(Material supplied begins)

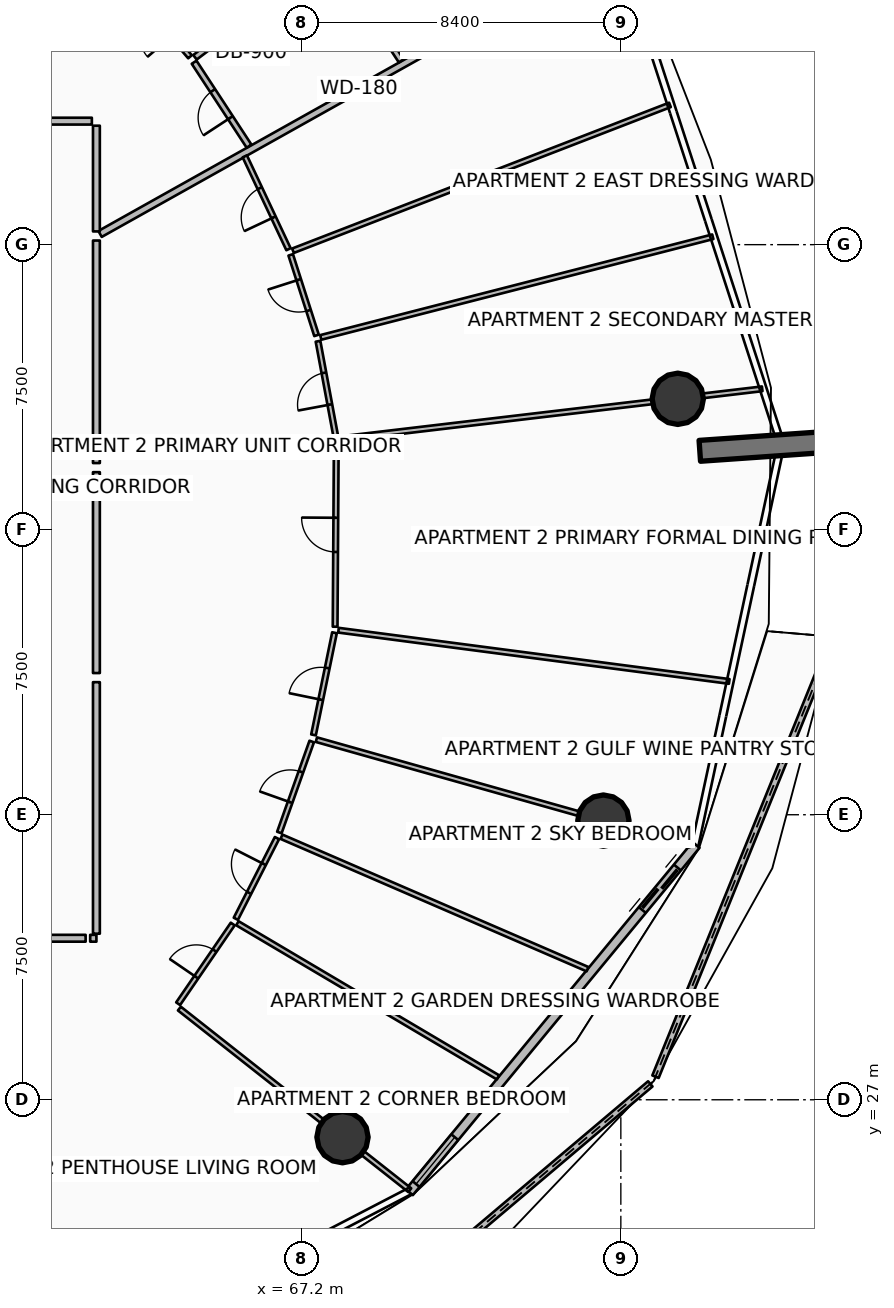
"""IFC4 building model, lengths in metres.
Left out: names, types, materials, properties, quantities, classifications, styles, units other than length and angle.
Written with IfcOpenShell. Run it as: python <this file> out.ifc"""

import sys

from ifc_helpers import new_model, si_unit, direction, frame, frame_2d, origin, origin_2d, place, context, subcontext, project, spatial, polyline, rectangle, circle, outline, extrude, element, fill, save


model = new_model("IFC4")
c1 = context("Model", 3, precision=1e-05, world=origin(), true_north=direction((0.0, 1.0)))
c2 = subcontext(c1, "Body", "Model", "MODEL_VIEW")
j1 = project(units=[si_unit("LENGTHUNIT", "METRE"), si_unit("PLANEANGLEUNIT", "RADIAN")], contexts=[c1])
p1 = place(None, origin())
s1 = spatial("IfcSite", under=j1, at=p1, CompositionType="ELEMENT")
p2 = place(p1, origin())
s2 = spatial("IfcBuilding", under=s1, at=p2, CompositionType="ELEMENT")
p3 = place(p2, frame((0.0, 0.0, 37.65)))
s3 = spatial("IfcBuildingStorey", under=s2, at=p3, CompositionType="ELEMENT", Elevation=37.65)
p4 = place(p3, frame((77.678, 44.075, 0.0), z_axis=(0.0, 0.0, 1.0), x_axis=(0.997564163539, 0.069754853754, 0.0)))
e1 = element("IfcWall", 1, at=p4, inside=s3, PredefinedType="SOLIDWALL", context=c2, shape_type="SweptSolid", body=[
    extrude(rectangle(XDim=3.5, YDim=0.55, at=frame_2d((1.75, 0.0))), origin(), (0.0, 0.0, 1.0), 3.75),
])
for number, where, z_axis, x_axis in (
    (2, (68.276, 26.016, 0.0), (0.0, 0.0, 1.0), (1.0, 0.0, 0.0)),
    (3, (75.141, 34.345, 0.0), (0.0, 0.0, 1.0), (1.0, 0.0, 0.0)),
    (4, (77.098, 45.444, 0.0), (0.0, 0.0, 1.0), (1.0, 0.0, 0.0)),
):
    element("IfcColumn", number, at=place(p3, frame(where, z_axis=z_axis, x_axis=x_axis)), inside=s3, PredefinedType="COLUMN", context=c2, shape_type="SweptSolid", body=[
        extrude(circle(Radius=0.675, at=origin_2d()), origin(), (0.0, 0.0, 1.0), 3.5),
    ])
p5 = place(p3, frame((67.267, 19.719, 0.0), z_axis=(0.0, 0.0, 1.0), x_axis=(0.763702211542, 0.645568688898, 0.0)))
e5 = element("IfcWall", 5, at=p5, inside=s3, PredefinedType="PARAPET", context=c2, shape_type="SweptSolid", body=[
    extrude(outline(polyline([(0.0, 0.0), (11.927, 0.0), (11.927, 1.632), (5.963, 1.798), (0.0, 1.86), (0.0, 0.0)])), frame((0.0, 0.09, 0.0), z_axis=(0.0, -1.0, 0.0), x_axis=(1.0, 0.0, 0.0)), (0.0, 0.0, 1.0), 0.18),
])
p6 = place(p3, frame((76.512, 27.607, 0.0), z_axis=(0.0, 0.0, 1.0), x_axis=(0.375733690411, 0.926727680546, 0.0)))
e6 = element("IfcWall", 6, at=p6, inside=s3, PredefinedType="PARAPET", context=c2, shape_type="SweptSolid", body=[
    extrude(outline(polyline([(0.0, 0.0), (12.491, 0.0), (12.491, 1.233), (6.246, 1.418), (0.0, 1.632), (0.0, 0.0)])), frame((0.0, 0.09, 0.0), z_axis=(0.0, -1.0, 0.0), x_axis=(1.0, 0.0, 0.0)), (0.0, 0.0, 1.0), 0.18),
])
p7 = place(p3, frame((70.033, 24.567, 0.0), z_axis=(0.0, 0.0, 1.0), x_axis=(0.636674332663, 0.771132799281, 0.0)))
e7 = element("IfcWall", 7, at=p7, inside=s3, PredefinedType="SOLIDWALL", context=c2, shape_type="SweptSolid", body=[
    extrude(rectangle(XDim=11.851, YDim=0.24, at=frame_2d((5.926, 0.0))), origin(), (0.0, 0.0, 1.0), 2.45),
])
p8 = place(p7, frame((9.631, 0.0, 0.0)))
e8 = element("IfcOpeningElement", 8, at=p8, cuts=e7, PredefinedType="OPENING", context=c2, shape_type="SweptSolid", body=[
    extrude(rectangle(XDim=1.45, YDim=2.15, at=frame_2d((0.725, 1.075))), frame((0.0, 0.13, 0.0), z_axis=(0.0, -1.0, 0.0), x_axis=(1.0, 0.0, 0.0)), (0.0, 0.0, 1.0), 0.26),
])
p9 = place(p7, frame((0.28, 0.0, 0.65)))
e9 = element("IfcOpeningElement", 9, at=p9, cuts=e7, PredefinedType="OPENING", context=c2, shape_type="SweptSolid", body=[
    extrude(rectangle(XDim=1.6, YDim=1.5, at=frame_2d((0.8, 0.75))), frame((0.0, 0.13, 0.0), z_axis=(0.0, -1.0, 0.0), x_axis=(1.0, 0.0, 0.0)), (0.0, 0.0, 1.0), 0.26),
])
p10 = place(p3, frame((61.896, 49.782, 0.0), z_axis=(0.0, 0.0, 1.0), x_axis=(0.872493215695, 0.488626225828, 0.0)))
e10 = element("IfcWall", 10, at=p10, inside=s3, PredefinedType="PARTITIONING", context=c2, shape_type="SweptSolid", body=[
    extrude(rectangle(XDim=15.612, YDim=0.18, at=frame_2d((7.806, 0.0))), origin(), (0.0, 0.0, 1.0), 2.867),
])
p11 = place(p3, frame((61.8, 49.848, 0.0), z_axis=(0.0, 0.0, 1.0), x_axis=(0.0, 1.0, 0.0)))
e11 = element("IfcWall", 11, at=p11, inside=s3, PredefinedType="PARTITIONING", context=c2, shape_type="SweptSolid", body=[
    extrude(rectangle(XDim=2.781, YDim=0.18, at=frame_2d((1.391, 0.0))), origin(), (0.0, 0.0, 1.0), 2.867),
])
p12 = place(p3, frame((61.68, 52.75, 0.0), z_axis=(0.0, 0.0, 1.0), x_axis=(-1.0, 0.0, 0.0)))
e12 = element("IfcWall", 12, at=p12, inside=s3, PredefinedType="PARTITIONING", context=c2, shape_type="SweptSolid", body=[
    extrude(rectangle(XDim=5.085, YDim=0.18, at=frame_2d((2.543, 0.0))), origin(), (0.0, 0.0, 1.0), 2.867),
])
p13 = place(p3, frame((65.816, 52.092, 0.0), z_axis=(0.0, 0.0, 1.0), x_axis=(-0.547635625156, 0.836716930664, 0.0)))
e13 = element("IfcWall", 13, at=p13, inside=s3, PredefinedType="PARTITIONING", context=c2, shape_type="SweptSolid", body=[
    extrude(rectangle(XDim=2.639, YDim=0.15, at=frame_2d((1.32, 0.0))), origin(), (0.0, 0.0, 1.0), 2.867),
])
p14 = place(p13, frame((0.895, 0.0, 0.0)))
e14 = element("IfcOpeningElement", 14, at=p14, cuts=e13, PredefinedType="OPENING", context=c2, shape_type="SweptSolid", body=[
    extrude(rectangle(XDim=0.85, YDim=2.06, at=frame_2d((0.425, 1.03))), frame((0.0, 0.085, 0.0), z_axis=(0.0, -1.0, 0.0), x_axis=(1.0, 0.0, 0.0)), (0.0, 0.0, 1.0), 0.17),
])
p15 = place(p3, frame((69.821, 54.335, 0.0), z_axis=(0.0, 0.0, 1.0), x_axis=(-0.547709492592, 0.836668579382, 0.0)))
e15 = element("IfcWall", 15, at=p15, inside=s3, PredefinedType="PARTITIONING", context=c2, shape_type="SweptSolid", body=[
    extrude(rectangle(XDim=3.273, YDim=0.15, at=frame_2d((1.637, 0.0))), origin(), (0.0, 0.0, 1.0), 2.867),
])
p16 = place(p3, frame((64.394, 54.43, 0.0), z_axis=(0.0, 0.0, 1.0), x_axis=(0.796855751732, 0.604169604442, 0.0)))
e16 = element("IfcWall", 16, at=p16, inside=s3, PredefinedType="PARTITIONING", context=c2, shape_type="SweptSolid", body=[
    extrude(rectangle(XDim=4.46, YDim=0.15, at=frame_2d((2.23, 0.0))), origin(), (0.0, 0.0, 1.0), 2.94),
])
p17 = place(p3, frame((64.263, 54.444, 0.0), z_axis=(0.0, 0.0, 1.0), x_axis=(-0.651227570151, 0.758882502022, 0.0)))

(Material supplied ends)

Exercise aim:
For this task, copy every line of the material in which "IfcOpeningElement" appears.

Result:
e8 = element("IfcOpeningElement", 8, at=p8, cuts=e7, PredefinedType="OPENING", context=c2, shape_type="SweptSolid", body=[
e9 = element("IfcOpeningElement", 9, at=p9, cuts=e7, PredefinedType="OPENING", context=c2, shape_type="SweptSolid", body=[
e14 = element("IfcOpeningElement", 14, at=p14, cuts=e13, PredefinedType="OPENING", context=c2, shape_type="SweptSolid", body=[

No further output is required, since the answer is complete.